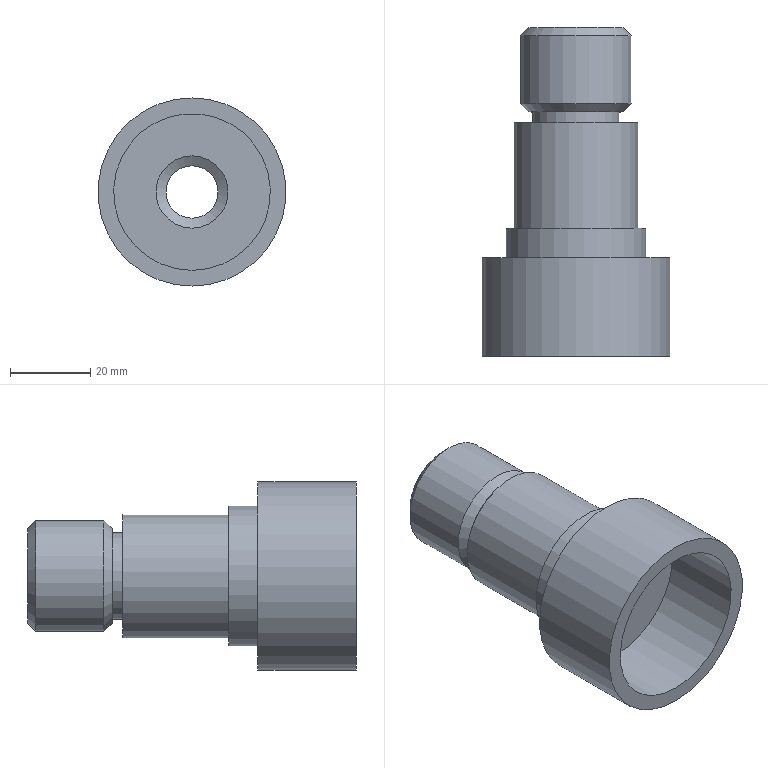Component | NX | VENT_VALVE | 1 solid | 18 faces | box 46.8 x 81.8 x 46.8 mm | volume 45200 mm3 | cylinder 8 | plane 7 | cone 3 | commonest cylinder face diameters 30.8 x1 34.8 x1 46.8 x1 39 x1 13 x1 27.592 x1 21.592 x1 18 x1
STEP:
#1=CARTESIAN_POINT('',(0.,0.,0.));
#2=DIRECTION('',(0.,0.,1.));
#3=DIRECTION('',(1.,0.,0.));
#4=AXIS2_PLACEMENT_3D('',#1,#2,#3);
#5=CARTESIAN_POINT('',(43.195,100.209,-15.4));
#6=VERTEX_POINT('',#5);
#7=CARTESIAN_POINT('',(43.195,100.209,0.));
#8=DIRECTION('',(0.,-1.,0.));
#9=DIRECTION('',(0.,0.,-1.));
#10=AXIS2_PLACEMENT_3D('',#7,#8,#9);
#11=CIRCLE('',#10,15.4);
#12=CARTESIAN_POINT('',(43.195,68.409,0.));
#13=DIRECTION('',(0.,-1.,0.));
#14=DIRECTION('',(0.,0.,-1.));
#15=AXIS2_PLACEMENT_3D('',#12,#13,#14);
#16=CYLINDRICAL_SURFACE('',#15,15.4);
#17=CARTESIAN_POINT('',(0.,-31.8));
#18=DIRECTION('',(1.,0.));
#19=VECTOR('',#18,1.);
#20=LINE('',#17,#19);
#21=(GEOMETRIC_REPRESENTATION_CONTEXT(2)PARAMETRIC_REPRESENTATION_CONTEXT()REPRESENTATION_CONTEXT('',''));
#22=DEFINITIONAL_REPRESENTATION('',(#20),#21);
#23=PCURVE('',#16,#22);
#24=CARTESIAN_POINT('',(27.795,100.209,0.));
#25=DIRECTION('',(0.,-1.,0.));
#26=DIRECTION('',(0.,0.,-1.));
#27=AXIS2_PLACEMENT_3D('',#24,#25,#26);
#28=PLANE('',#27);
#29=CARTESIAN_POINT('',(0.,15.4));
#30=DIRECTION('',(1.,0.));
#31=AXIS2_PLACEMENT_2D('',#29,#30);
#32=CIRCLE('',#31,15.4);
#33=(GEOMETRIC_REPRESENTATION_CONTEXT(2)PARAMETRIC_REPRESENTATION_CONTEXT()REPRESENTATION_CONTEXT('',''));
#34=DEFINITIONAL_REPRESENTATION('',(#32),#33);
#35=PCURVE('',#28,#34);
#36=SURFACE_CURVE('',#11,(#23,#35),.PCURVE_S1.);
#37=EDGE_CURVE('',#6,#6,#36,.T.);
#38=ORIENTED_EDGE('',*,*,#37,.F.);
#39=CARTESIAN_POINT('',(43.195,126.509,-15.4));
#40=VERTEX_POINT('',#39);
#41=CARTESIAN_POINT('',(43.195,126.509,-15.4));
#42=CARTESIAN_POINT('',(43.195,100.209,-15.4));
#43=B_SPLINE_CURVE_WITH_KNOTS('',1,(#41,#42),.UNSPECIFIED.,.F.,.F.,(2,2),(-58.1,-31.8),.PIECEWISE_BEZIER_KNOTS.);
#44=CARTESIAN_POINT('',(0.,0.));
#45=DIRECTION('',(0.,1.));
#46=VECTOR('',#45,1.);
#47=LINE('',#44,#46);
#48=(GEOMETRIC_REPRESENTATION_CONTEXT(2)PARAMETRIC_REPRESENTATION_CONTEXT()REPRESENTATION_CONTEXT('',''));
#49=DEFINITIONAL_REPRESENTATION('',(#47),#48);
#50=PCURVE('',#16,#49);
#51=CARTESIAN_POINT('',(6.283,0.));
#52=DIRECTION('',(0.,1.));
#53=VECTOR('',#52,1.);
#54=LINE('',#51,#53);
#55=(GEOMETRIC_REPRESENTATION_CONTEXT(2)PARAMETRIC_REPRESENTATION_CONTEXT()REPRESENTATION_CONTEXT('',''));
#56=DEFINITIONAL_REPRESENTATION('',(#54),#55);
#57=PCURVE('',#16,#56);
#58=SEAM_CURVE('',#43,(#50,#57),.PCURVE_S1.);
#59=EDGE_CURVE('',#40,#6,#58,.T.);
#60=ORIENTED_EDGE('',*,*,#59,.F.);
#61=CARTESIAN_POINT('',(43.195,126.509,0.));
#62=DIRECTION('',(0.,-1.,0.));
#63=DIRECTION('',(0.,0.,-1.));
#64=AXIS2_PLACEMENT_3D('',#61,#62,#63);
#65=CIRCLE('',#64,15.4);
#66=CARTESIAN_POINT('',(0.,-58.1));
#67=DIRECTION('',(1.,0.));
#68=VECTOR('',#67,1.);
#69=LINE('',#66,#68);
#70=(GEOMETRIC_REPRESENTATION_CONTEXT(2)PARAMETRIC_REPRESENTATION_CONTEXT()REPRESENTATION_CONTEXT('',''));
#71=DEFINITIONAL_REPRESENTATION('',(#69),#70);
#72=PCURVE('',#16,#71);
#73=CARTESIAN_POINT('',(32.399,126.509,0.));
#74=DIRECTION('',(0.,-1.,0.));
#75=DIRECTION('',(0.,0.,-1.));
#76=AXIS2_PLACEMENT_3D('',#73,#74,#75);
#77=PLANE('',#76);
#78=CARTESIAN_POINT('',(0.,10.796));
#79=DIRECTION('',(1.,0.));
#80=AXIS2_PLACEMENT_2D('',#78,#79);
#81=CIRCLE('',#80,15.4);
#82=(GEOMETRIC_REPRESENTATION_CONTEXT(2)PARAMETRIC_REPRESENTATION_CONTEXT()REPRESENTATION_CONTEXT('',''));
#83=DEFINITIONAL_REPRESENTATION('',(#81),#82);
#84=PCURVE('',#77,#83);
#85=SURFACE_CURVE('',#65,(#72,#84),.PCURVE_S1.);
#86=EDGE_CURVE('',#40,#40,#85,.T.);
#87=ORIENTED_EDGE('',*,*,#86,.T.);
#88=ORIENTED_EDGE('',*,*,#59,.T.);
#89=EDGE_LOOP('',(#38,#60,#87,#88));
#90=FACE_BOUND('',#89,.T.);
#91=ADVANCED_FACE('',(#90),#16,.T.);
#92=CARTESIAN_POINT('',(43.195,100.209,-17.4));
#93=VERTEX_POINT('',#92);
#94=CARTESIAN_POINT('',(43.195,100.209,0.));
#95=DIRECTION('',(0.,-1.,0.));
#96=DIRECTION('',(0.,0.,-1.));
#97=AXIS2_PLACEMENT_3D('',#94,#95,#96);
#98=CIRCLE('',#97,17.4);
#99=CARTESIAN_POINT('',(0.,15.4));
#100=DIRECTION('',(1.,0.));
#101=AXIS2_PLACEMENT_2D('',#99,#100);
#102=CIRCLE('',#101,17.4);
#103=(GEOMETRIC_REPRESENTATION_CONTEXT(2)PARAMETRIC_REPRESENTATION_CONTEXT()REPRESENTATION_CONTEXT('',''));
#104=DEFINITIONAL_REPRESENTATION('',(#102),#103);
#105=PCURVE('',#28,#104);
#106=CARTESIAN_POINT('',(43.195,68.409,0.));
#107=DIRECTION('',(0.,-1.,0.));
#108=DIRECTION('',(0.,0.,-1.));
#109=AXIS2_PLACEMENT_3D('',#106,#107,#108);
#110=CYLINDRICAL_SURFACE('',#109,17.4);
#111=CARTESIAN_POINT('',(0.,-31.8));
#112=DIRECTION('',(1.,0.));
#113=VECTOR('',#112,1.);
#114=LINE('',#111,#113);
#115=(GEOMETRIC_REPRESENTATION_CONTEXT(2)PARAMETRIC_REPRESENTATION_CONTEXT()REPRESENTATION_CONTEXT('',''));
#116=DEFINITIONAL_REPRESENTATION('',(#114),#115);
#117=PCURVE('',#110,#116);
#118=SURFACE_CURVE('',#98,(#105,#117),.PCURVE_S1.);
#119=EDGE_CURVE('',#93,#93,#118,.T.);
#120=ORIENTED_EDGE('',*,*,#119,.F.);
#121=EDGE_LOOP('',(#120));
#122=FACE_BOUND('',#121,.T.);
#123=ORIENTED_EDGE('',*,*,#37,.T.);
#124=EDGE_LOOP('',(#123));
#125=FACE_BOUND('',#124,.T.);
#126=ADVANCED_FACE('',(#122,#125),#28,.F.);
#127=CARTESIAN_POINT('',(43.195,92.909,-17.4));
#128=VERTEX_POINT('',#127);
#129=CARTESIAN_POINT('',(43.195,92.909,0.));
#130=DIRECTION('',(0.,-1.,0.));
#131=DIRECTION('',(0.,0.,-1.));
#132=AXIS2_PLACEMENT_3D('',#129,#130,#131);
#133=CIRCLE('',#132,17.4);
#134=CARTESIAN_POINT('',(0.,-24.5));
#135=DIRECTION('',(1.,0.));
#136=VECTOR('',#135,1.);
#137=LINE('',#134,#136);
#138=(GEOMETRIC_REPRESENTATION_CONTEXT(2)PARAMETRIC_REPRESENTATION_CONTEXT()REPRESENTATION_CONTEXT('',''));
#139=DEFINITIONAL_REPRESENTATION('',(#137),#138);
#140=PCURVE('',#110,#139);
#141=CARTESIAN_POINT('',(25.795,92.909,0.));
#142=DIRECTION('',(0.,-1.,0.));
#143=DIRECTION('',(0.,0.,-1.));
#144=AXIS2_PLACEMENT_3D('',#141,#142,#143);
#145=PLANE('',#144);
#146=CARTESIAN_POINT('',(0.,17.4));
#147=DIRECTION('',(1.,0.));
#148=AXIS2_PLACEMENT_2D('',#146,#147);
#149=CIRCLE('',#148,17.4);
#150=(GEOMETRIC_REPRESENTATION_CONTEXT(2)PARAMETRIC_REPRESENTATION_CONTEXT()REPRESENTATION_CONTEXT('',''));
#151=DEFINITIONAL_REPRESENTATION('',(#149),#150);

# # # # #

Problem statement.
Where the string "CIRCLE" appears in a line of the listing, copy that line.

Your response.
#11=CIRCLE('',#10,15.4);
#32=CIRCLE('',#31,15.4);
#65=CIRCLE('',#64,15.4);
#81=CIRCLE('',#80,15.4);
#98=CIRCLE('',#97,17.4);
#102=CIRCLE('',#101,17.4);
#133=CIRCLE('',#132,17.4);
#149=CIRCLE('',#148,17.4);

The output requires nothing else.